# TASK TO CARRY OUT
Copy out each line containing "subcontext" from the entries below.

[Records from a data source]
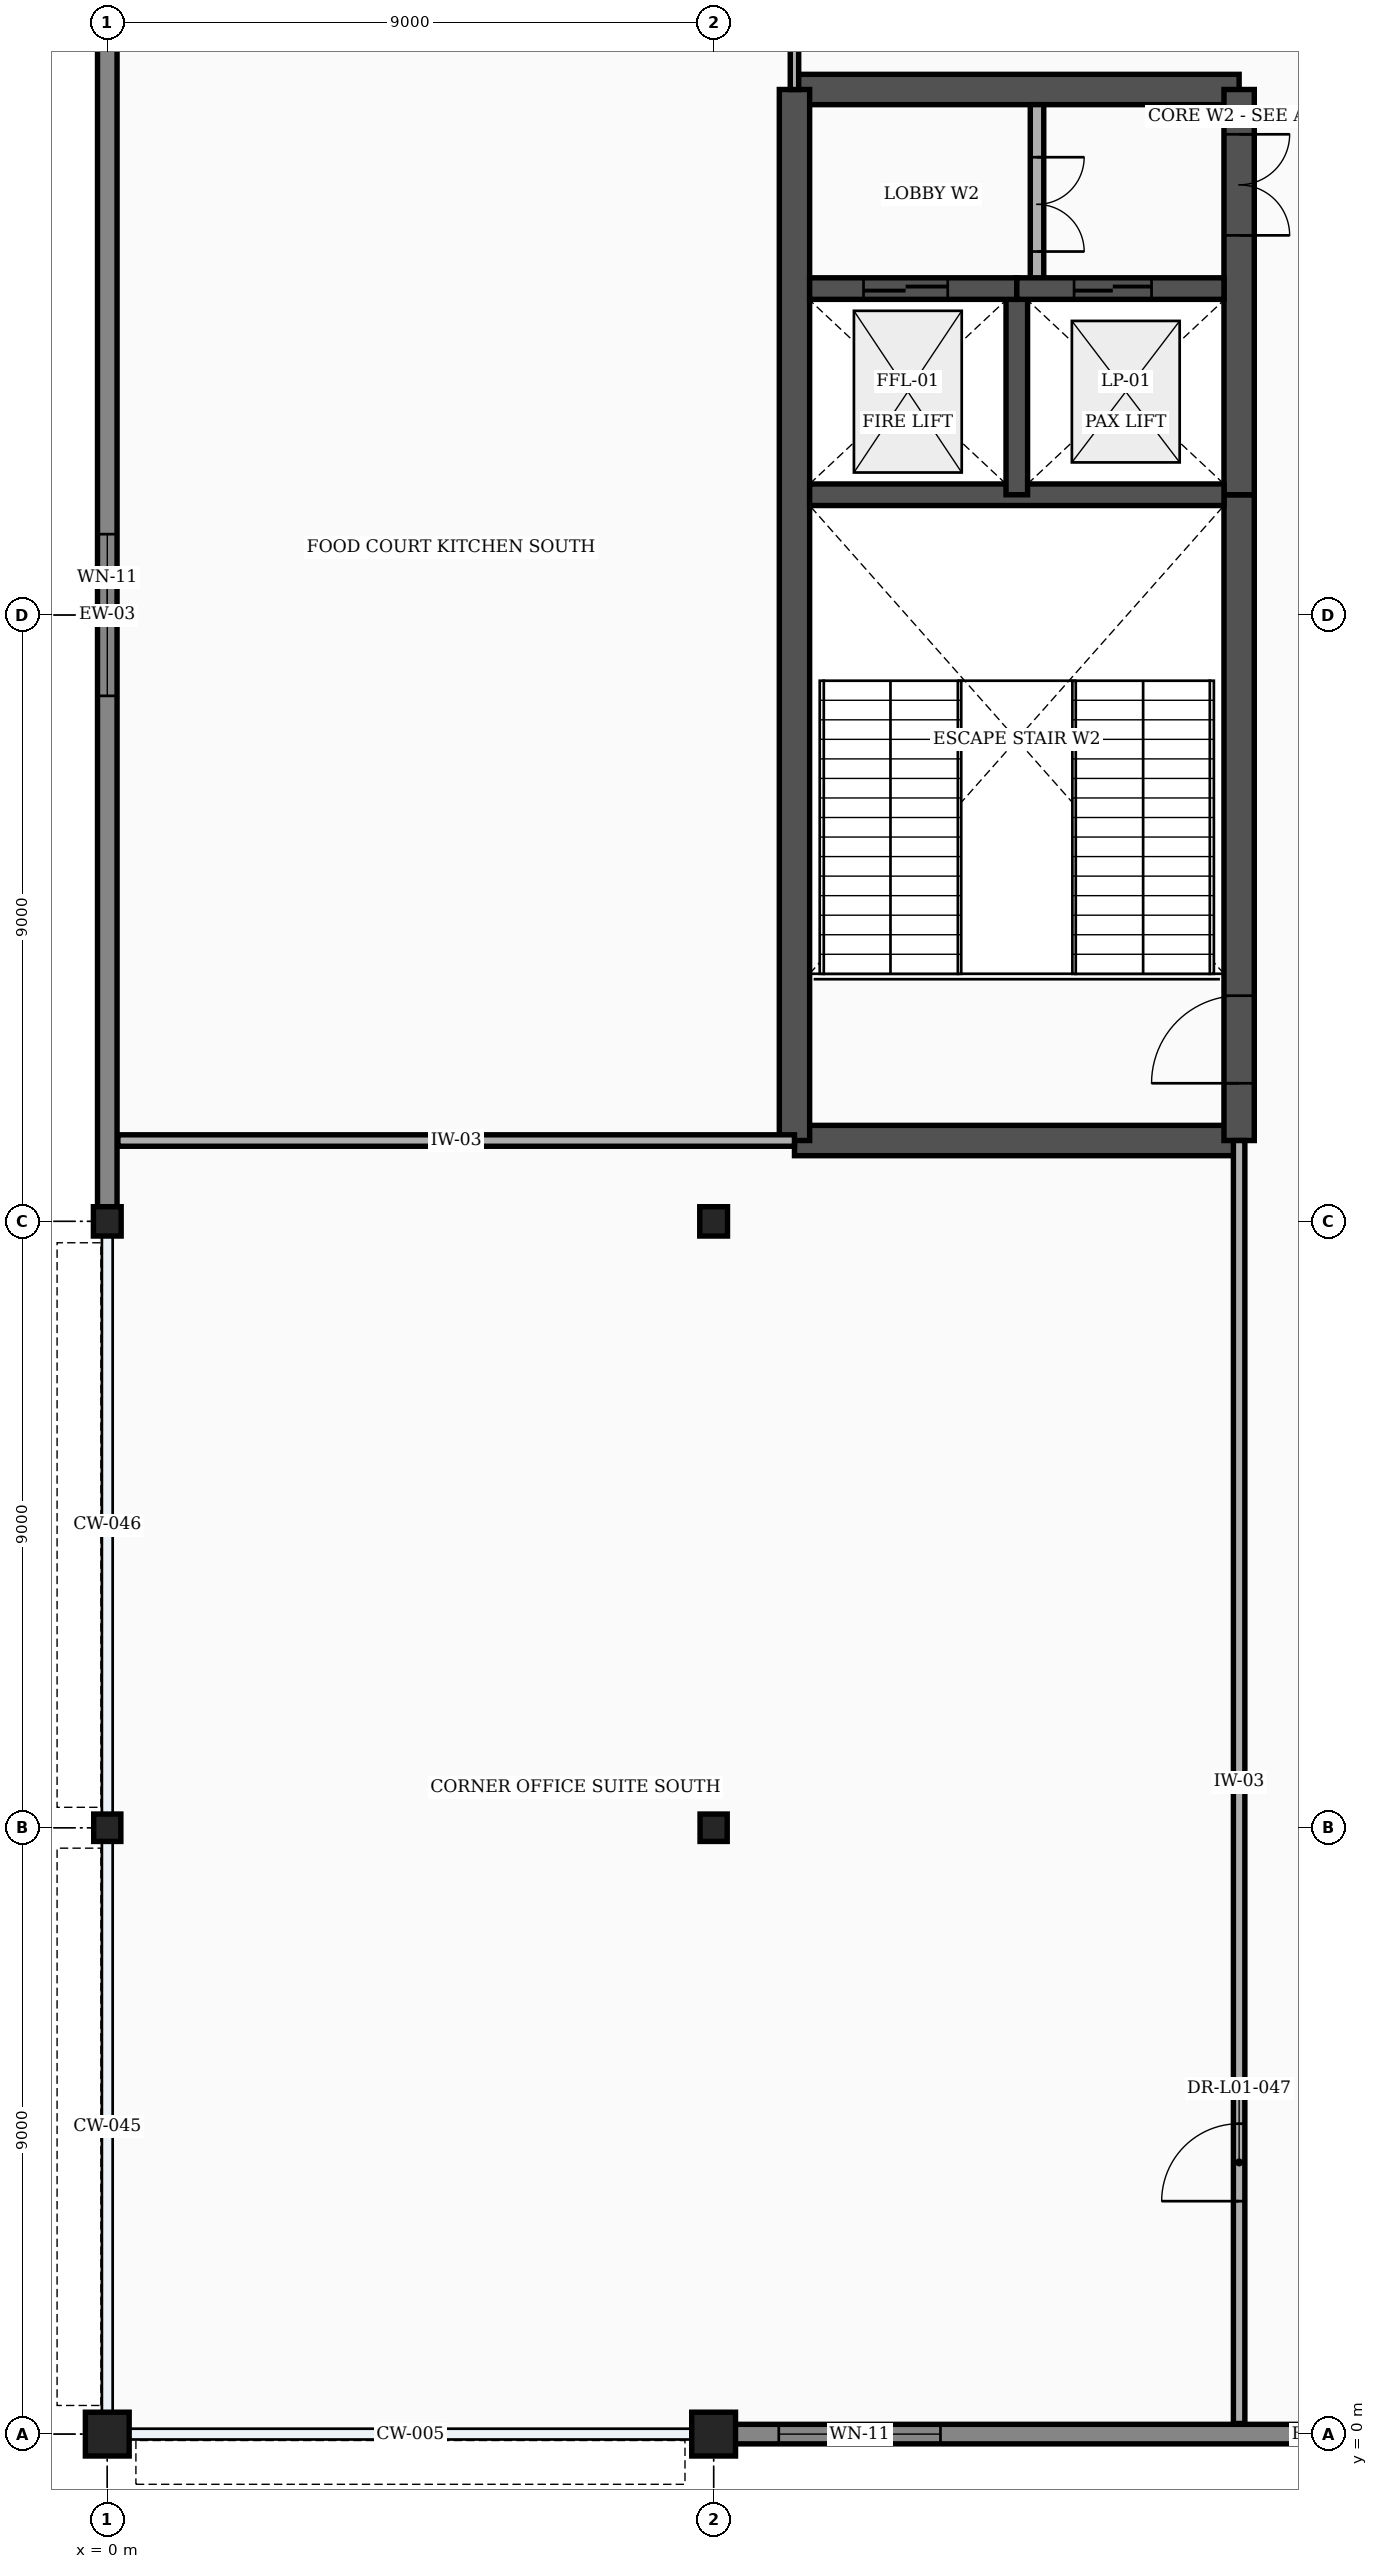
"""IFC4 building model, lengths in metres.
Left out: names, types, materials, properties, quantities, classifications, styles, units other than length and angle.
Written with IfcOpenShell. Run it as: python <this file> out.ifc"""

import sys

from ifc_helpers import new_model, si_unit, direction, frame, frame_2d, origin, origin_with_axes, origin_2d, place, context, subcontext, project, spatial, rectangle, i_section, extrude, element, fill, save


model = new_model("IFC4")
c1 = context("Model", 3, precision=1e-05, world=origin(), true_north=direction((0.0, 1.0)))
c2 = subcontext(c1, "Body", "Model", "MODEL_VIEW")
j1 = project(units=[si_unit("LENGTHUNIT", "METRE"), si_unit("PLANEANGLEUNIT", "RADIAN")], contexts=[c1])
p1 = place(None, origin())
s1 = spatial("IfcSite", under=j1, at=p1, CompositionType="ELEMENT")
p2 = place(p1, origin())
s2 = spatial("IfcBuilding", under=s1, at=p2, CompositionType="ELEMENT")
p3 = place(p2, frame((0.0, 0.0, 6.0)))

# RESPONSE FOR THIS EXERCISE
from ifc_helpers import new_model, si_unit, direction, frame, frame_2d, origin, origin_with_axes, origin_2d, place, context, subcontext, project, spatial, rectangle, i_section, extrude, element, fill, save
c2 = subcontext(c1, "Body", "Model", "MODEL_VIEW")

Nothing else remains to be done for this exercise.